[Opening Material for the task section]

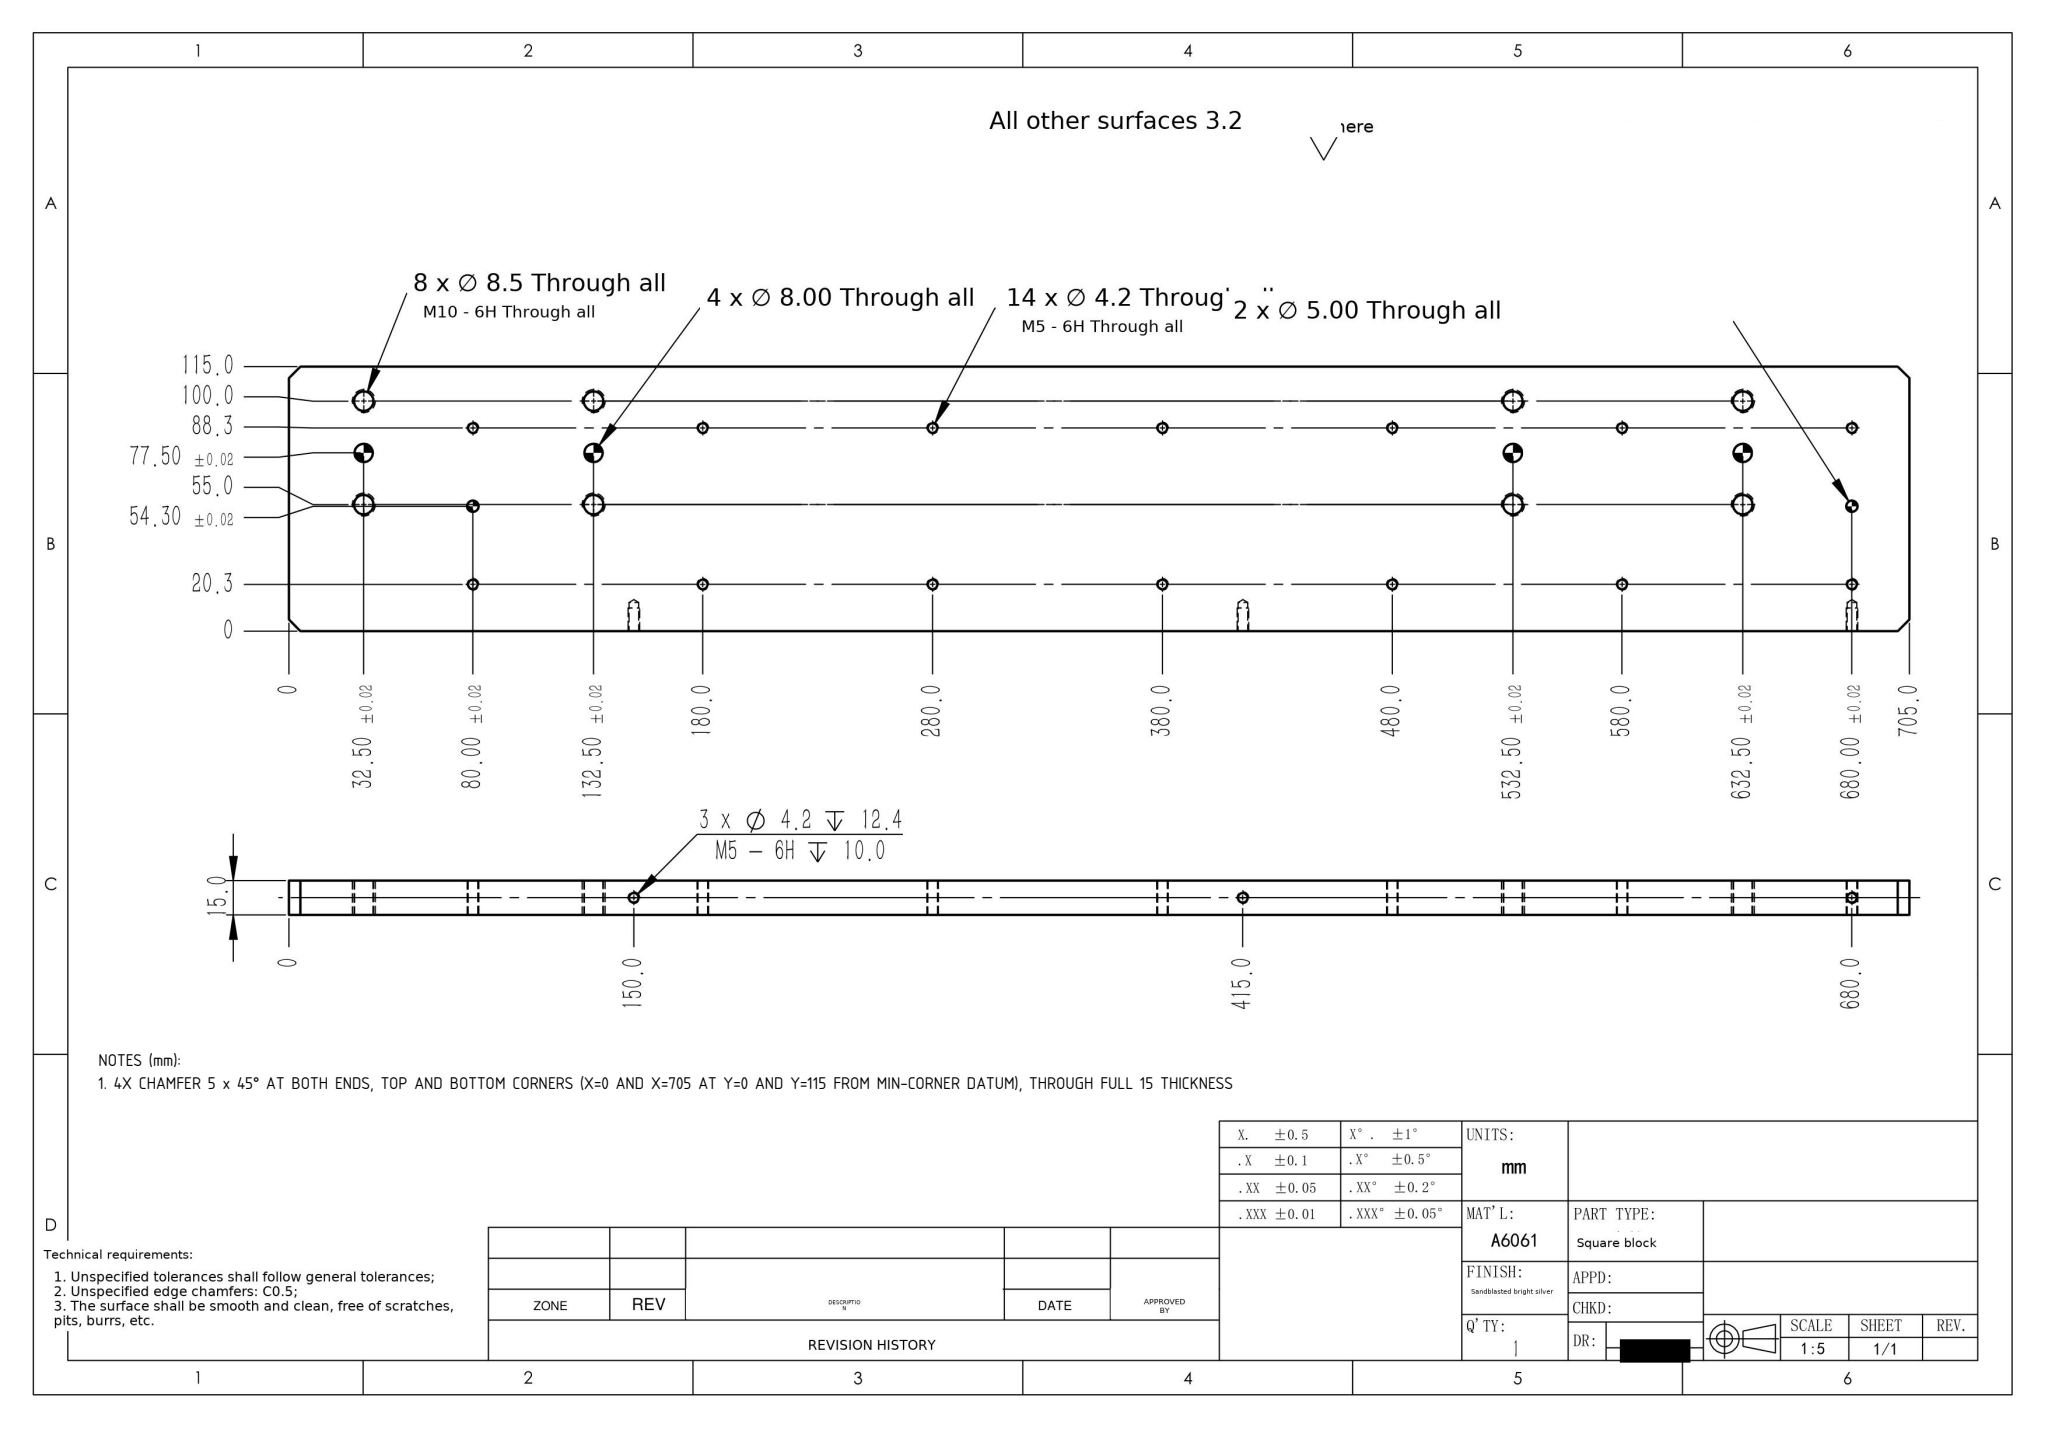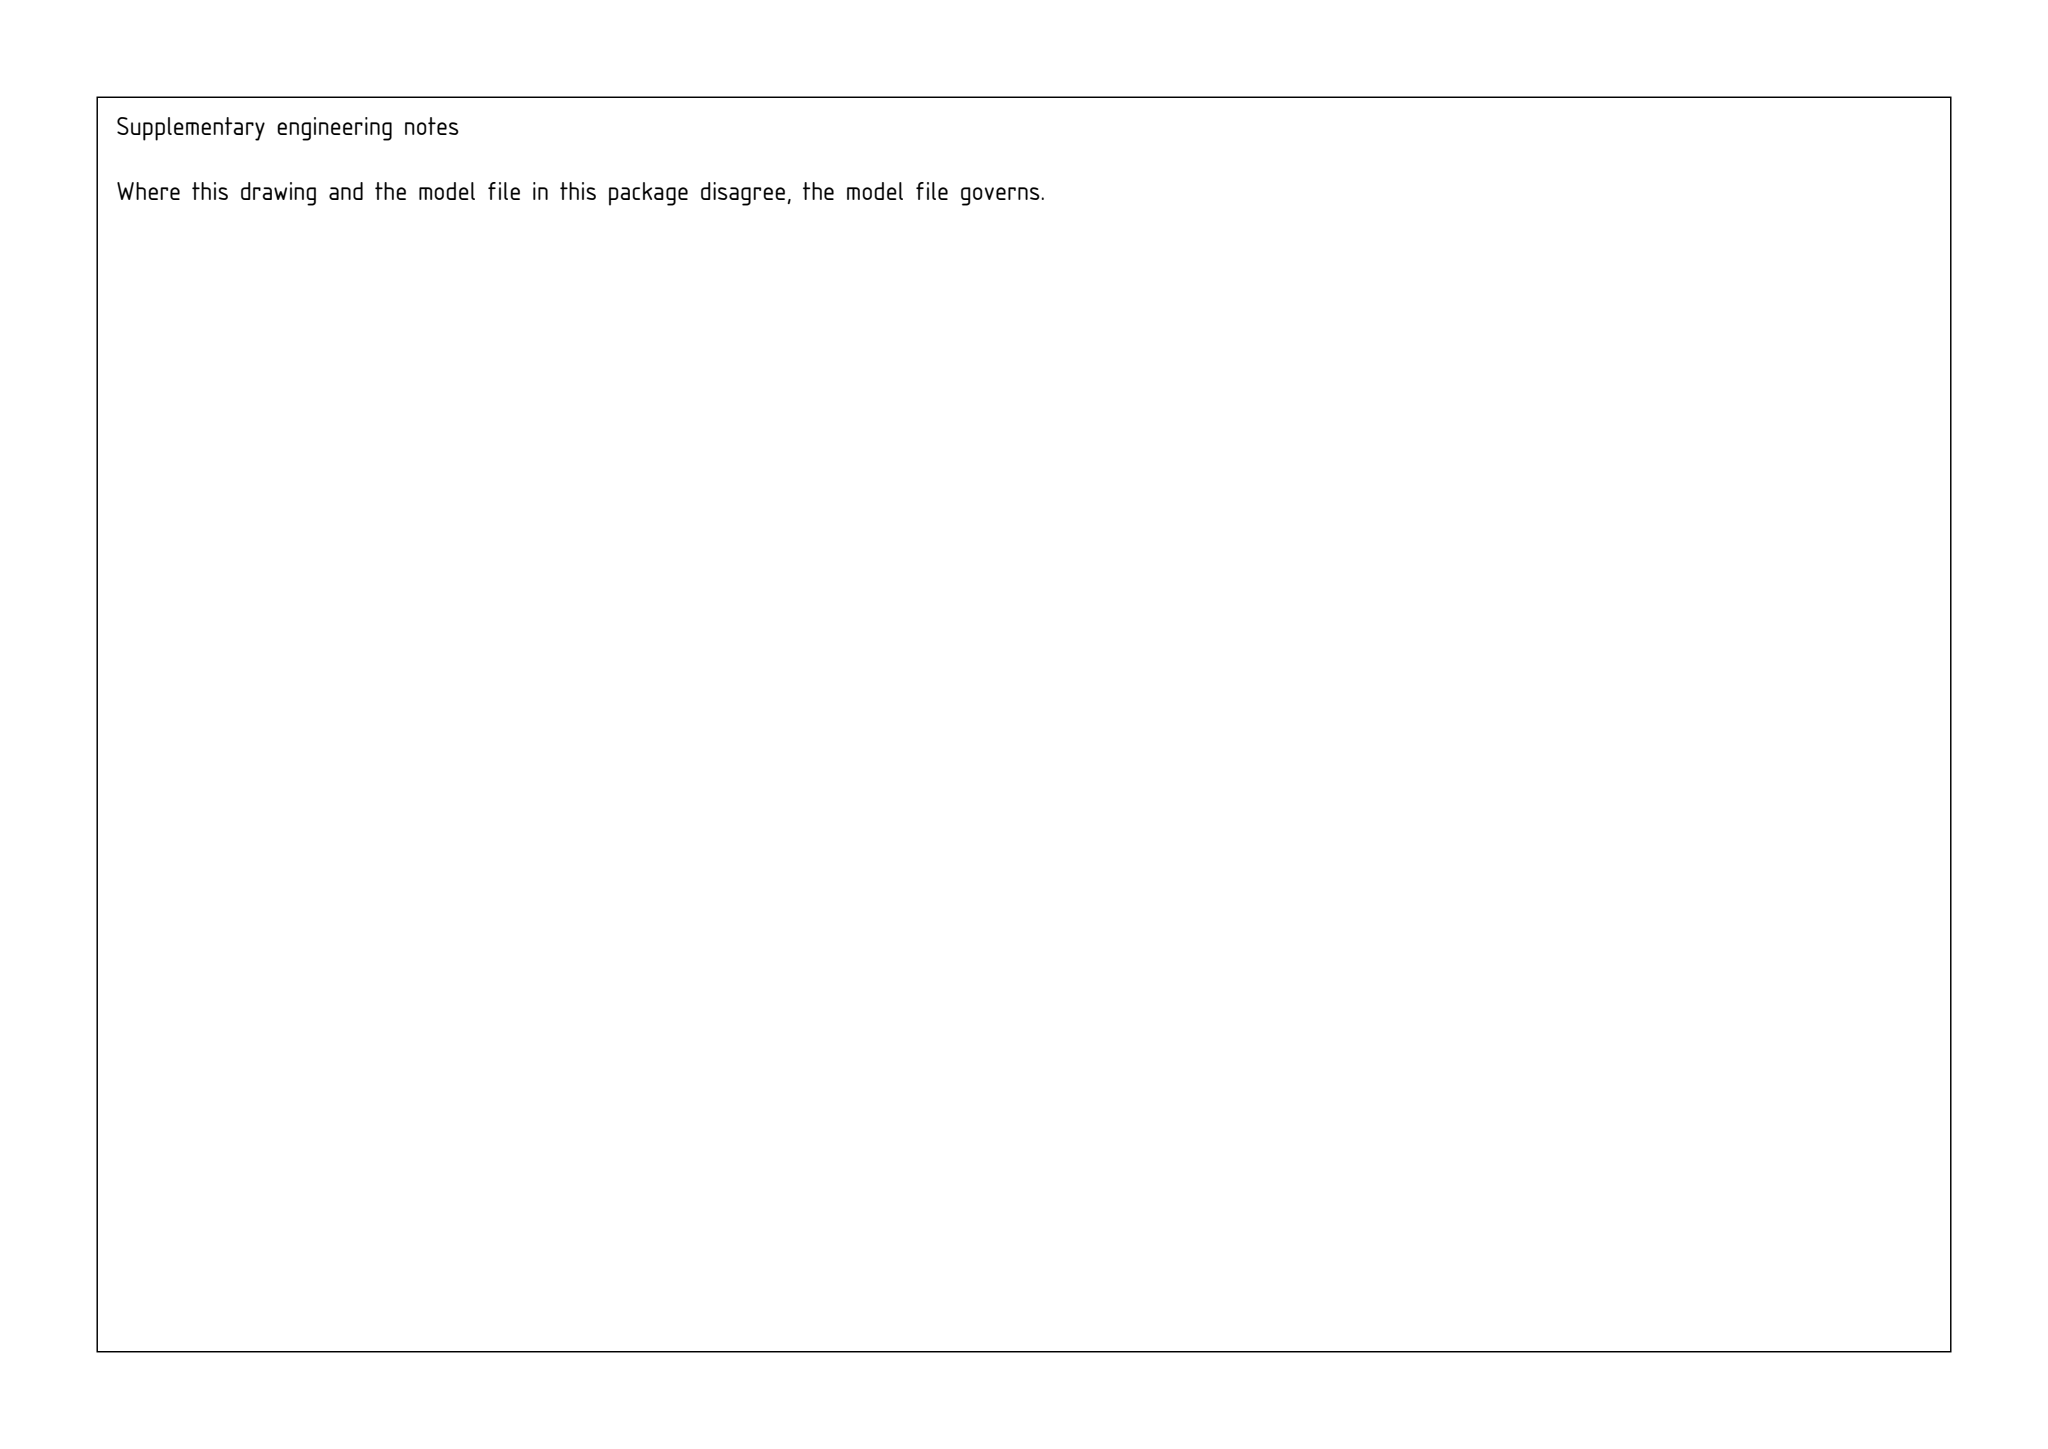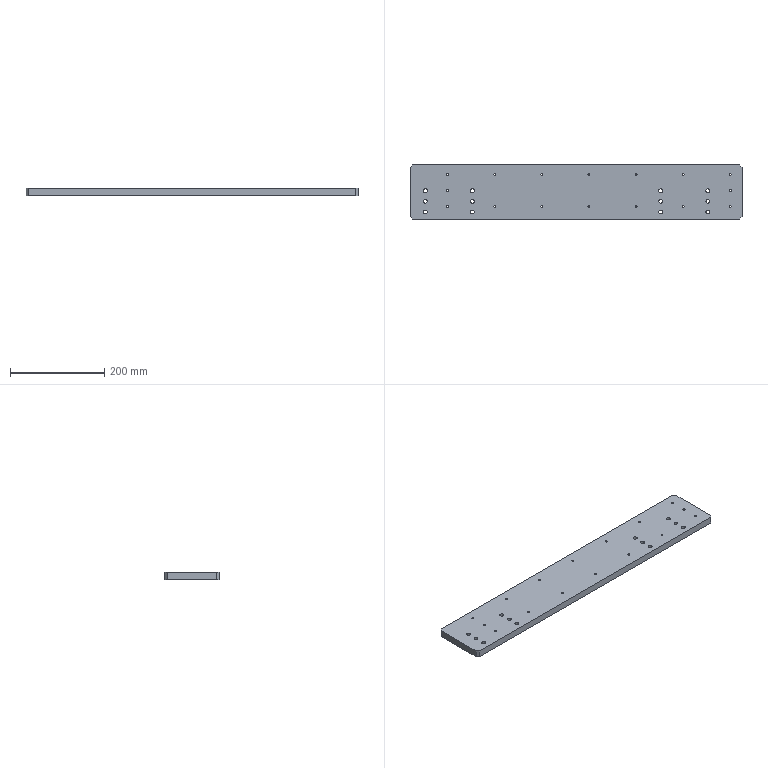Part | SolidWorks | mm | 1 solid | 78 faces | box 705 x 115 x 15 mm | volume 1201518 mm3 | cylinder 62 | plane 10 | cone 6 | commonest cylinder face diameters 4.2 x34 8.5 x16 8 x8 5 x4
Drawing notes:
4X CHAMFER 5 x 45° AT BOTH ENDS, TOP AND BOTTOM CORNERS (X=0 AND X=705 AT Y=0 AND Y=115 FROM MIN-CORNER DATUM), THROUGH FULL 15 THICKNESS | from the solid: inclined_planes: 4 faces at 45°/45°/90° to axes, size 5 x 5 x 15, bbox_from [0,0,0], [0,110,0], [700,0,0], [700,110,0]
build123d program:
from build123d import *

# Parameters (mm, degrees)
SKETCH1_W                  = 705
SKETCH1_H                  = 115
BOSS_EXTRUDE1_DEPTH        = 15
M5_TAPPED_HOLE1_D          = 4.2
LPATTERN1_COUNT            = 7
LPATTERN1_PITCH            = 100
SIZE_MM_DOWEL_PIN_HOLE_2_D = 5
M10_TAPPED_HOLE1_D         = 8.5
SIZE_MM_DOWEL_PIN_HOLE_0_D = 8
M5_TAPPED_HOLE2_D          = 4.2
M5_TAPPED_HOLE2_DEPTH      = 12.4
M5_TAPPED_HOLE2_TIP        = 1.262
LPATTERN2_COUNT            = 2
LPATTERN2_PITCH            = 500
CHAMFER1_SIZE              = 5


with BuildPart() as part:
    # Sketch1 → Boss-Extrude1 (new body)
    with BuildSketch(Plane.XY):
        Rectangle(SKETCH1_W, SKETCH1_H)
    extrude(amount=BOSS_EXTRUDE1_DEPTH)

    # M5 Tapped Hole1 (through all)
    with Locations(Plane.XY.offset(15)):
        with Locations((-272.5, 37.2), (-272.5, -30.8)):
            m5_tapped_hole1 = Hole(M5_TAPPED_HOLE1_D / 2)

    # LPattern1: M5 Tapped Hole1 ×7
    with Locations(*[(i * LPATTERN1_PITCH, 0, 0) for i in range(1, LPATTERN1_COUNT)]):
        add(m5_tapped_hole1, mode=Mode.SUBTRACT)

    # Size mm Dowel Pin Hole 2 (through all)
    with Locations(Plane(origin=(0, 0, 0), x_dir=(-1, 0, 0), z_dir=(0, 0, -1))):
        with Locations((-327.5, 3.2), (272.5, 3.2)):
            Hole(SIZE_MM_DOWEL_PIN_HOLE_2_D / 2)

    # M10 Tapped Hole1 (through all)
    with Locations(Plane.XY.offset(15)):
        with Locations((-320, 2.5), (-320, -42.5), (-220, -42.5), (-220, 2.5)):
            m10_tapped_hole1 = Hole(M10_TAPPED_HOLE1_D / 2)

    # Size mm Dowel Pin Hole 0 (through all)
    with Locations(Plane.XY.offset(15)):
        with Locations((-320, -20), (-220, -20)):
            size_mm_dowel_pin_hole_0 = Hole(SIZE_MM_DOWEL_PIN_HOLE_0_D / 2)

    # M5 Tapped Hole2
    with Locations(Plane(origin=(0, 57.5, 0), x_dir=(1, 0, 0), z_dir=(0, 1, 0))):
        with Locations((-202.5, -7.5), (62.5, -7.5), (327.5, -7.5)):
            Hole(M5_TAPPED_HOLE2_D / 2, depth=M5_TAPPED_HOLE2_DEPTH)
            with Locations((0, 0, -(M5_TAPPED_HOLE2_DEPTH + M5_TAPPED_HOLE2_TIP / 2))):  # 118° drill point
                Cone(0, M5_TAPPED_HOLE2_D / 2, M5_TAPPED_HOLE2_TIP, mode=Mode.SUBTRACT)

    # LPattern2: M10 Tapped Hole1, Size mm Dowel Pin Hole 0 ×2
    with Locations(*[(i * LPATTERN2_PITCH, 0, 0) for i in range(1, LPATTERN2_COUNT)]):
        add(m10_tapped_hole1, mode=Mode.SUBTRACT)
        add(size_mm_dowel_pin_hole_0, mode=Mode.SUBTRACT)

    # Chamfer1
    chamfer1_edges = [part.edges().sort_by_distance(p)[0] for p in [
        (352.5, -57.5, 7.5),
        (-352.5, -57.5, 7.5),
        (-352.5, 57.5, 7.5),
        (352.5, 57.5, 7.5),
    ]]
    chamfer(chamfer1_edges, length=CHAMFER1_SIZE)


solid = part.part

[Closing Material for the task section]

Repeat the data exactly as written, but without the pictures.

Part | SolidWorks | mm | 1 solid | 78 faces | box 705 x 115 x 15 mm | volume 1201518 mm3 | cylinder 62 | plane 10 | cone 6 | commonest cylinder face diameters 4.2 x34 8.5 x16 8 x8 5 x4
Drawing notes:
4X CHAMFER 5 x 45° AT BOTH ENDS, TOP AND BOTTOM CORNERS (X=0 AND X=705 AT Y=0 AND Y=115 FROM MIN-CORNER DATUM), THROUGH FULL 15 THICKNESS | from the solid: inclined_planes: 4 faces at 45°/45°/90° to axes, size 5 x 5 x 15, bbox_from [0,0,0], [0,110,0], [700,0,0], [700,110,0]
build123d program:
from build123d import *

# Parameters (mm, degrees)
SKETCH1_W                  = 705
SKETCH1_H                  = 115
BOSS_EXTRUDE1_DEPTH        = 15
M5_TAPPED_HOLE1_D          = 4.2
LPATTERN1_COUNT            = 7
LPATTERN1_PITCH            = 100
SIZE_MM_DOWEL_PIN_HOLE_2_D = 5
M10_TAPPED_HOLE1_D         = 8.5
SIZE_MM_DOWEL_PIN_HOLE_0_D = 8
M5_TAPPED_HOLE2_D          = 4.2
M5_TAPPED_HOLE2_DEPTH      = 12.4
M5_TAPPED_HOLE2_TIP        = 1.262
LPATTERN2_COUNT            = 2
LPATTERN2_PITCH            = 500
CHAMFER1_SIZE              = 5


with BuildPart() as part:
    # Sketch1 → Boss-Extrude1 (new body)
    with BuildSketch(Plane.XY):
        Rectangle(SKETCH1_W, SKETCH1_H)
    extrude(amount=BOSS_EXTRUDE1_DEPTH)

    # M5 Tapped Hole1 (through all)
    with Locations(Plane.XY.offset(15)):
        with Locations((-272.5, 37.2), (-272.5, -30.8)):
            m5_tapped_hole1 = Hole(M5_TAPPED_HOLE1_D / 2)

    # LPattern1: M5 Tapped Hole1 ×7
    with Locations(*[(i * LPATTERN1_PITCH, 0, 0) for i in range(1, LPATTERN1_COUNT)]):
        add(m5_tapped_hole1, mode=Mode.SUBTRACT)

    # Size mm Dowel Pin Hole 2 (through all)
    with Locations(Plane(origin=(0, 0, 0), x_dir=(-1, 0, 0), z_dir=(0, 0, -1))):
        with Locations((-327.5, 3.2), (272.5, 3.2)):
            Hole(SIZE_MM_DOWEL_PIN_HOLE_2_D / 2)

    # M10 Tapped Hole1 (through all)
    with Locations(Plane.XY.offset(15)):
        with Locations((-320, 2.5), (-320, -42.5), (-220, -42.5), (-220, 2.5)):
            m10_tapped_hole1 = Hole(M10_TAPPED_HOLE1_D / 2)

    # Size mm Dowel Pin Hole 0 (through all)
    with Locations(Plane.XY.offset(15)):
        with Locations((-320, -20), (-220, -20)):
            size_mm_dowel_pin_hole_0 = Hole(SIZE_MM_DOWEL_PIN_HOLE_0_D / 2)

    # M5 Tapped Hole2
    with Locations(Plane(origin=(0, 57.5, 0), x_dir=(1, 0, 0), z_dir=(0, 1, 0))):
        with Locations((-202.5, -7.5), (62.5, -7.5), (327.5, -7.5)):
            Hole(M5_TAPPED_HOLE2_D / 2, depth=M5_TAPPED_HOLE2_DEPTH)
            with Locations((0, 0, -(M5_TAPPED_HOLE2_DEPTH + M5_TAPPED_HOLE2_TIP / 2))):  # 118° drill point
                Cone(0, M5_TAPPED_HOLE2_D / 2, M5_TAPPED_HOLE2_TIP, mode=Mode.SUBTRACT)

    # LPattern2: M10 Tapped Hole1, Size mm Dowel Pin Hole 0 ×2
    with Locations(*[(i * LPATTERN2_PITCH, 0, 0) for i in range(1, LPATTERN2_COUNT)]):
        add(m10_tapped_hole1, mode=Mode.SUBTRACT)
        add(size_mm_dowel_pin_hole_0, mode=Mode.SUBTRACT)

    # Chamfer1
    chamfer1_edges = [part.edges().sort_by_distance(p)[0] for p in [
        (352.5, -57.5, 7.5),
        (-352.5, -57.5, 7.5),
        (-352.5, 57.5, 7.5),
        (352.5, 57.5, 7.5),
    ]]
    chamfer(chamfer1_edges, length=CHAMFER1_SIZE)


solid = part.part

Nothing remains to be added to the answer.